(DATA begins)
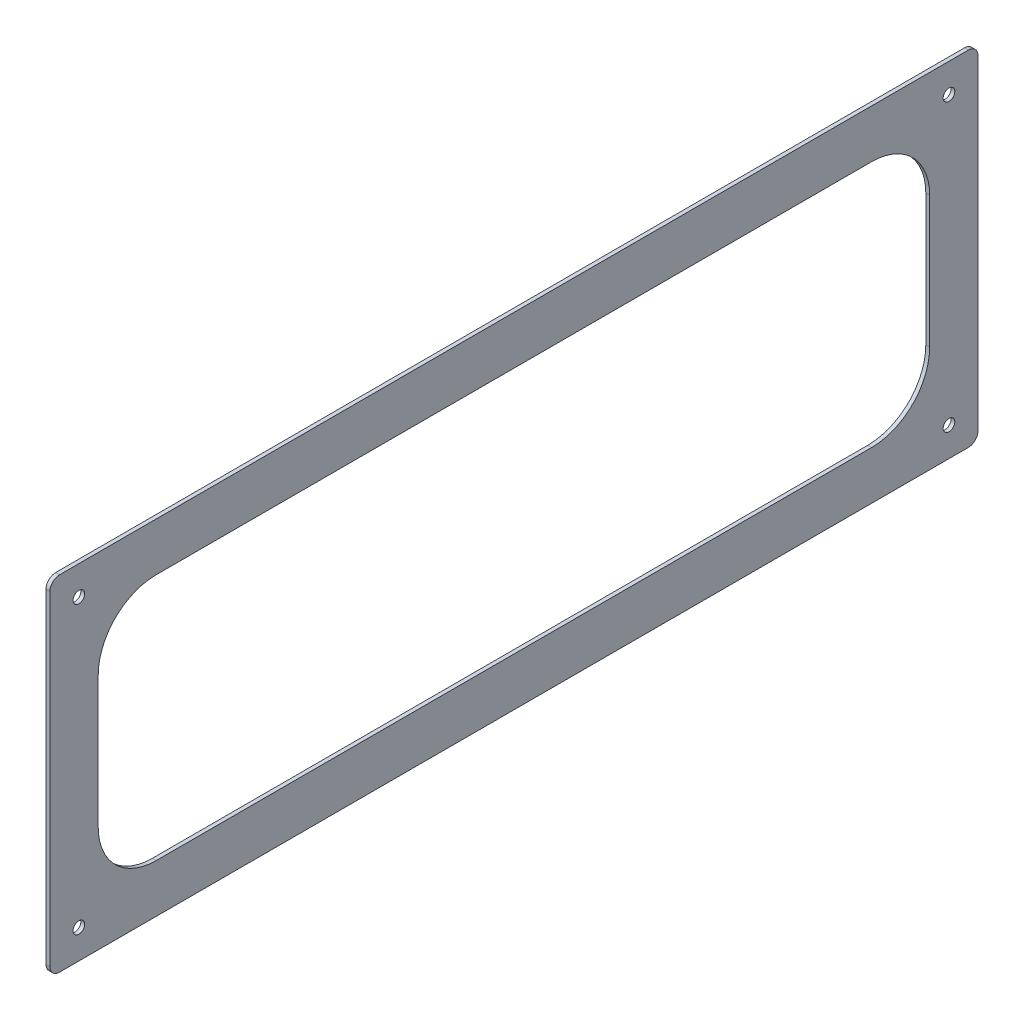
SolidWorks part; units mm, degrees
ref_plane "前视基准面" through (0, 0, 0) normal (0, 0, 1) x (1, 0, 0)
ref_plane "上视基准面" through (0, 0, 0) normal (0, 1, 0) x (1, 0, 0)
ref_plane "右视基准面" through (0, 0, 0) normal (1, 0, 0) x (0, 0, -1)
sketch "草图1" plane through (0, 0, 0) normal (1, 0, 0) x (0, 0, -1)
  line L0 (0, 89) -> (0, 0) construction
  line L1 (-240, 89) -> (240, 89)
  line L2 (-240, 89) -> (-240, -89)
  line L3 (-240, -89) -> (240, -89)
  line L4 (240, 89) -> (240, -89)
  line L5 (0, 0) -> (240, 0) construction
  dimension "D1" = 480
  dimension "D2" = 178
extrude "凸台-拉伸1" add sketch "草图1" along normal blind 2
sketch "草图2" plane through (2, 0, 0) normal (1, 0, 0) x (0, 0, -1)
  line L0 (0, 131.9543) -> (0, 0) construction
  line L1 (0, 0) -> (347.0268, 0) construction
  circle A0 centre (-225, 74) radius 3
  circle A1 centre (225, 74) radius 3
  circle A2 centre (-225, -74) radius 3
  circle A3 centre (225, -74) radius 3
  dimension "D1" = 6
  dimension "D2" = 450
  dimension "D3" = 148
extrude "切除-拉伸1" cut sketch "草图2" against normal through all
fillet "圆角1" radius 5 4 edges at (1, -89, 240) (1, -89, -240) (1, 89, -240) (1, 89, 240)
sketch "草图3" plane through (2, 0, 0) normal (1, 0, 0) x (0, 0, -1)
  line L0 (0, 234.3194) -> (0, 0) construction
  line L1 (-215, 64) -> (215, 64)
  line L2 (-215, 64) -> (-215, -64)
  line L3 (-215, -64) -> (215, -64)
  line L4 (215, 64) -> (215, -64)
  line L5 (0, 0) -> (371.0835, 0) construction
  dimension "D1" = 128
  dimension "D2" = 430
extrude "切除-拉伸2" cut sketch "草图3" against normal through all
fillet "圆角2" radius 30 4 edges at (1, -64, 215) (1, -64, -215) (1, 64, -215) (1, 64, 215)
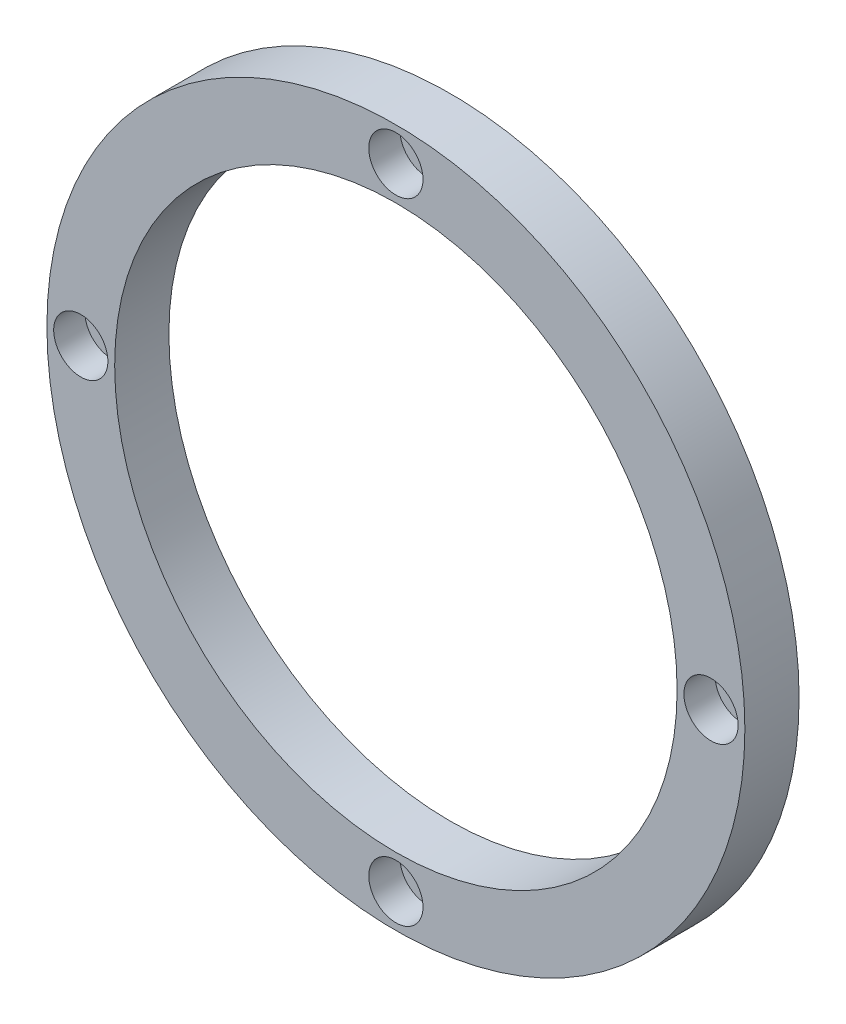
from build123d import *

# Parameters (mm, degrees)
SKETCH1_R           = 51.5
SKETCH1_R_2         = 41.5
BOSS_EXTRUDE1_DEPTH = 8
CIRPATTERN1_COUNT   = 4


with BuildPart() as part:
    # Sketch1 → Boss-Extrude1 (new body)
    with BuildSketch(Plane.XY):
        Circle(SKETCH1_R)
        Circle(SKETCH1_R_2, mode=Mode.SUBTRACT)
    extrude(amount=BOSS_EXTRUDE1_DEPTH)

    # Sketch5 → Hole size per hex socket cap screw type1 (revolve, cut)
    with BuildSketch(Plane(origin=(0, 46.5, 8), x_dir=(0, -1, 0), z_dir=(1, 0, 0))):
        Polygon((0, 0), (0, 18.351936393), (2.25, 17), (2.25, 4.6), (4, 4.6), (4, 0), align=None)
    hole_size_per_hex_socket_cap_screw_type1 = revolve(axis=Axis((0, 46.5, 14.35), (0, 0, -1)), mode=Mode.SUBTRACT)

    # CirPattern1: Hole size per hex socket cap screw type1 ×4 about axis
    cirpattern1_axis = Axis((0, 0, 0), (0, 0, 1))
    for i in range(1, CIRPATTERN1_COUNT):
        add(hole_size_per_hex_socket_cap_screw_type1.rotate(cirpattern1_axis, i * 360 / CIRPATTERN1_COUNT), mode=Mode.SUBTRACT)


solid = part.part
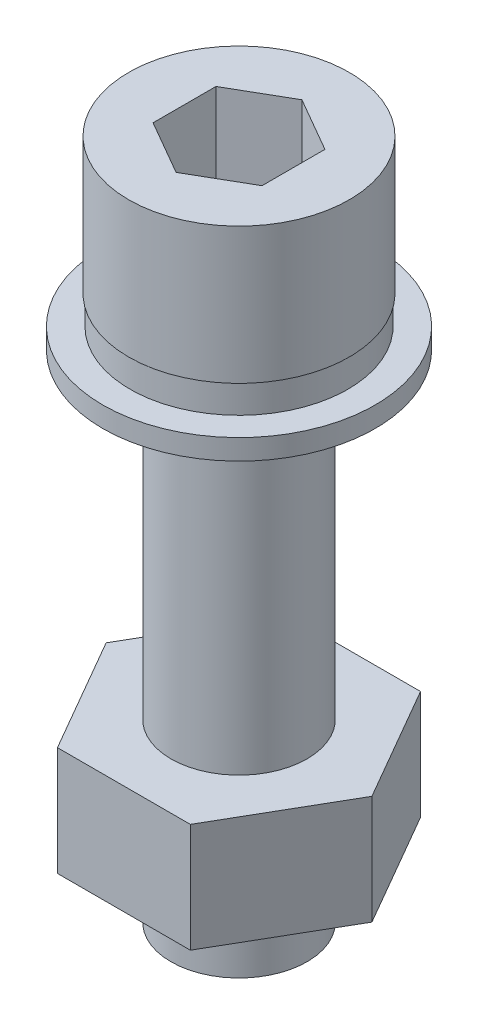
from build123d import *

# Parameters (mm, degrees)
CUT_EXTRUDE_1_DEPTH  = 6
SKETCH_3_R           = 8
SKETCH_3_R_2         = 5
BOSS_EXTRUDE_1_DEPTH = 2.1
SKETCH_4_R           = 10
SKETCH_4_R_2         = 5
BOSS_EXTRUDE_2_DEPTH = 1.5
BOSS_EXTRUDE_START   = 8
SKETCH_5_R           = 5
BOSS_EXTRUDE_3_DEPTH = 8


with BuildPart() as part:
    # Sketch 1 → Revolve 1 (revolve)
    with BuildSketch(Plane.XY, mode=Mode.PRIVATE) as revolve_1_sk:
        Polygon((0, 10), (-8.1, 10), (-8.1, 0), (-5, 0), (-5, -40), (0, -40), align=None)
    revolve(revolve_1_sk.sketch.rotate(Axis((0, 11.322033898, 0), (0, -1, 0)), 270), axis=Axis((0, 11.322033898, 0), (0, -1, 0)))

    # Sketch 2 → Cut-Extrude 1 (cut)
    with BuildSketch(Plane(origin=(0, 10, 0), x_dir=(1, 0, 0), z_dir=(0, 1, 0))):
        Polygon((0, 4.618802154), (-4, 2.309401077), (-4, -2.309401077), (0, -4.618802154), (4, -2.309401077), (4, 2.309401077), align=None)
    extrude(amount=-CUT_EXTRUDE_1_DEPTH, mode=Mode.SUBTRACT)

    # Sketch 5 → Boss-Extrude 3 (add)
    with BuildSketch(Plane(origin=(0, -27.1, 0), x_dir=(-1, 0, 0), z_dir=(0, -1, 0)).offset(BOSS_EXTRUDE_START)):
        Polygon((-9.757219549, 0), (-4.878609775, -8.45), (4.878609775, -8.45), (9.757219549, 0), (4.878609775, 8.45), (-4.878609775, 8.45), align=None)
        with Locations(Location((0, 0, 0), (0, 0, 90))):
            Circle(SKETCH_5_R, mode=Mode.SUBTRACT)
    extrude(amount=-BOSS_EXTRUDE_3_DEPTH)


with BuildPart() as body_2:
    # Sketch 3 → Boss-Extrude 1 (new body)
    with BuildSketch(Plane.XZ):
        with Locations(Location((0, 0, 0), (0, 0, 270))):
            Circle(SKETCH_3_R)
        with Locations(Location((0, 0, 0), (0, 0, 270))):
            Circle(SKETCH_3_R_2, mode=Mode.SUBTRACT)
    extrude(amount=BOSS_EXTRUDE_1_DEPTH)


with BuildPart() as body_3:
    # Sketch 4 → Boss-Extrude 2 (new body)
    with BuildSketch(Plane.XZ.offset(2.1)):
        with Locations(Location((0, 0, 0), (0, 0, 270))):
            Circle(SKETCH_4_R)
        with Locations(Location((0, 0, 0), (0, 0, 270))):
            Circle(SKETCH_4_R_2, mode=Mode.SUBTRACT)
    extrude(amount=BOSS_EXTRUDE_2_DEPTH)


solid = Compound([part.part, body_2.part, body_3.part])
(DATA ends)
# REQUIRED WORK:
Restate, word for word, the entries above, dropping any picture.

# SOLUTION BELOW:
SolidWorks part; units mm, degrees
ref_plane "前视基准面" through (0, 0, 0) normal (0, 0, 1) x (1, 0, 0)
ref_plane "上视基准面" through (0, 0, 0) normal (0, 1, 0) x (1, 0, 0)
ref_plane "右视基准面" through (0, 0, 0) normal (1, 0, 0) x (0, 0, -1)
sketch "草图1" plane through (0, 0, 0) normal (1, 0, 0) x (0, 0, -1)
  line L0 (0, 89) -> (0, 0) construction
  line L1 (-240, 89) -> (240, 89)
  line L2 (-240, 89) -> (-240, -89)
  line L3 (-240, -89) -> (240, -89)
  line L4 (240, 89) -> (240, -89)
  line L5 (0, 0) -> (240, 0) construction
  dimension "D1" = 480
  dimension "D2" = 178
extrude "凸台-拉伸1" add sketch "草图1" along normal blind 2
sketch "草图2" plane through (2, 0, 0) normal (1, 0, 0) x (0, 0, -1)
  line L0 (0, 131.9543) -> (0, 0) construction
  line L1 (0, 0) -> (347.0268, 0) construction
  circle A0 centre (-225, 74) radius 3
  circle A1 centre (225, 74) radius 3
  circle A2 centre (-225, -74) radius 3
  circle A3 centre (225, -74) radius 3
  dimension "D1" = 6
  dimension "D2" = 450
  dimension "D3" = 148
extrude "切除-拉伸1" cut sketch "草图2" against normal through all
fillet "圆角1" radius 5 4 edges at (1, -89, 240) (1, -89, -240) (1, 89, -240) (1, 89, 240)
sketch "草图3" plane through (2, 0, 0) normal (1, 0, 0) x (0, 0, -1)
  line L0 (0, 234.3194) -> (0, 0) construction
  line L1 (-215, 64) -> (215, 64)
  line L2 (-215, 64) -> (-215, -64)
  line L3 (-215, -64) -> (215, -64)
  line L4 (215, 64) -> (215, -64)
  line L5 (0, 0) -> (371.0835, 0) construction
  dimension "D1" = 128
  dimension "D2" = 430
extrude "切除-拉伸2" cut sketch "草图3" against normal through all
fillet "圆角2" radius 30 4 edges at (1, -64, 215) (1, -64, -215) (1, 64, -215) (1, 64, 215)
from build123d import *

# Parameters (mm, degrees)
SKETCH1_R           = 51.5
SKETCH1_R_2         = 41.5
BOSS_EXTRUDE1_DEPTH = 8
CIRPATTERN1_COUNT   = 4


with BuildPart() as part:
    # Sketch1 → Boss-Extrude1 (new body)
    with BuildSketch(Plane.XY):
        Circle(SKETCH1_R)
        Circle(SKETCH1_R_2, mode=Mode.SUBTRACT)
    extrude(amount=BOSS_EXTRUDE1_DEPTH)

    # Sketch5 → Hole size per hex socket cap screw type1 (revolve, cut)
    with BuildSketch(Plane(origin=(0, 46.5, 8), x_dir=(0, -1, 0), z_dir=(1, 0, 0))):
        Polygon((0, 0), (0, 18.351936393), (2.25, 17), (2.25, 4.6), (4, 4.6), (4, 0), align=None)
    hole_size_per_hex_socket_cap_screw_type1 = revolve(axis=Axis((0, 46.5, 14.35), (0, 0, -1)), mode=Mode.SUBTRACT)

    # CirPattern1: Hole size per hex socket cap screw type1 ×4 about axis
    cirpattern1_axis = Axis((0, 0, 0), (0, 0, 1))
    for i in range(1, CIRPATTERN1_COUNT):
        add(hole_size_per_hex_socket_cap_screw_type1.rotate(cirpattern1_axis, i * 360 / CIRPATTERN1_COUNT), mode=Mode.SUBTRACT)


solid = part.part
from build123d import *

# Parameters (mm, degrees)
CUT_EXTRUDE_1_DEPTH  = 6
SKETCH_3_R           = 8
SKETCH_3_R_2         = 5
BOSS_EXTRUDE_1_DEPTH = 2.1
SKETCH_4_R           = 10
SKETCH_4_R_2         = 5
BOSS_EXTRUDE_2_DEPTH = 1.5
BOSS_EXTRUDE_START   = 8
SKETCH_5_R           = 5
BOSS_EXTRUDE_3_DEPTH = 8


with BuildPart() as part:
    # Sketch 1 → Revolve 1 (revolve)
    with BuildSketch(Plane.XY, mode=Mode.PRIVATE) as revolve_1_sk:
        Polygon((0, 10), (-8.1, 10), (-8.1, 0), (-5, 0), (-5, -40), (0, -40), align=None)
    revolve(revolve_1_sk.sketch.rotate(Axis((0, 11.322033898, 0), (0, -1, 0)), 270), axis=Axis((0, 11.322033898, 0), (0, -1, 0)))

    # Sketch 2 → Cut-Extrude 1 (cut)
    with BuildSketch(Plane(origin=(0, 10, 0), x_dir=(1, 0, 0), z_dir=(0, 1, 0))):
        Polygon((0, 4.618802154), (-4, 2.309401077), (-4, -2.309401077), (0, -4.618802154), (4, -2.309401077), (4, 2.309401077), align=None)
    extrude(amount=-CUT_EXTRUDE_1_DEPTH, mode=Mode.SUBTRACT)

    # Sketch 5 → Boss-Extrude 3 (add)
    with BuildSketch(Plane(origin=(0, -27.1, 0), x_dir=(-1, 0, 0), z_dir=(0, -1, 0)).offset(BOSS_EXTRUDE_START)):
        Polygon((-9.757219549, 0), (-4.878609775, -8.45), (4.878609775, -8.45), (9.757219549, 0), (4.878609775, 8.45), (-4.878609775, 8.45), align=None)
        with Locations(Location((0, 0, 0), (0, 0, 90))):
            Circle(SKETCH_5_R, mode=Mode.SUBTRACT)
    extrude(amount=-BOSS_EXTRUDE_3_DEPTH)


with BuildPart() as body_2:
    # Sketch 3 → Boss-Extrude 1 (new body)
    with BuildSketch(Plane.XZ):
        with Locations(Location((0, 0, 0), (0, 0, 270))):
            Circle(SKETCH_3_R)
        with Locations(Location((0, 0, 0), (0, 0, 270))):
            Circle(SKETCH_3_R_2, mode=Mode.SUBTRACT)
    extrude(amount=BOSS_EXTRUDE_1_DEPTH)


with BuildPart() as body_3:
    # Sketch 4 → Boss-Extrude 2 (new body)
    with BuildSketch(Plane.XZ.offset(2.1)):
        with Locations(Location((0, 0, 0), (0, 0, 270))):
            Circle(SKETCH_4_R)
        with Locations(Location((0, 0, 0), (0, 0, 270))):
            Circle(SKETCH_4_R_2, mode=Mode.SUBTRACT)
    extrude(amount=BOSS_EXTRUDE_2_DEPTH)


solid = Compound([part.part, body_2.part, body_3.part])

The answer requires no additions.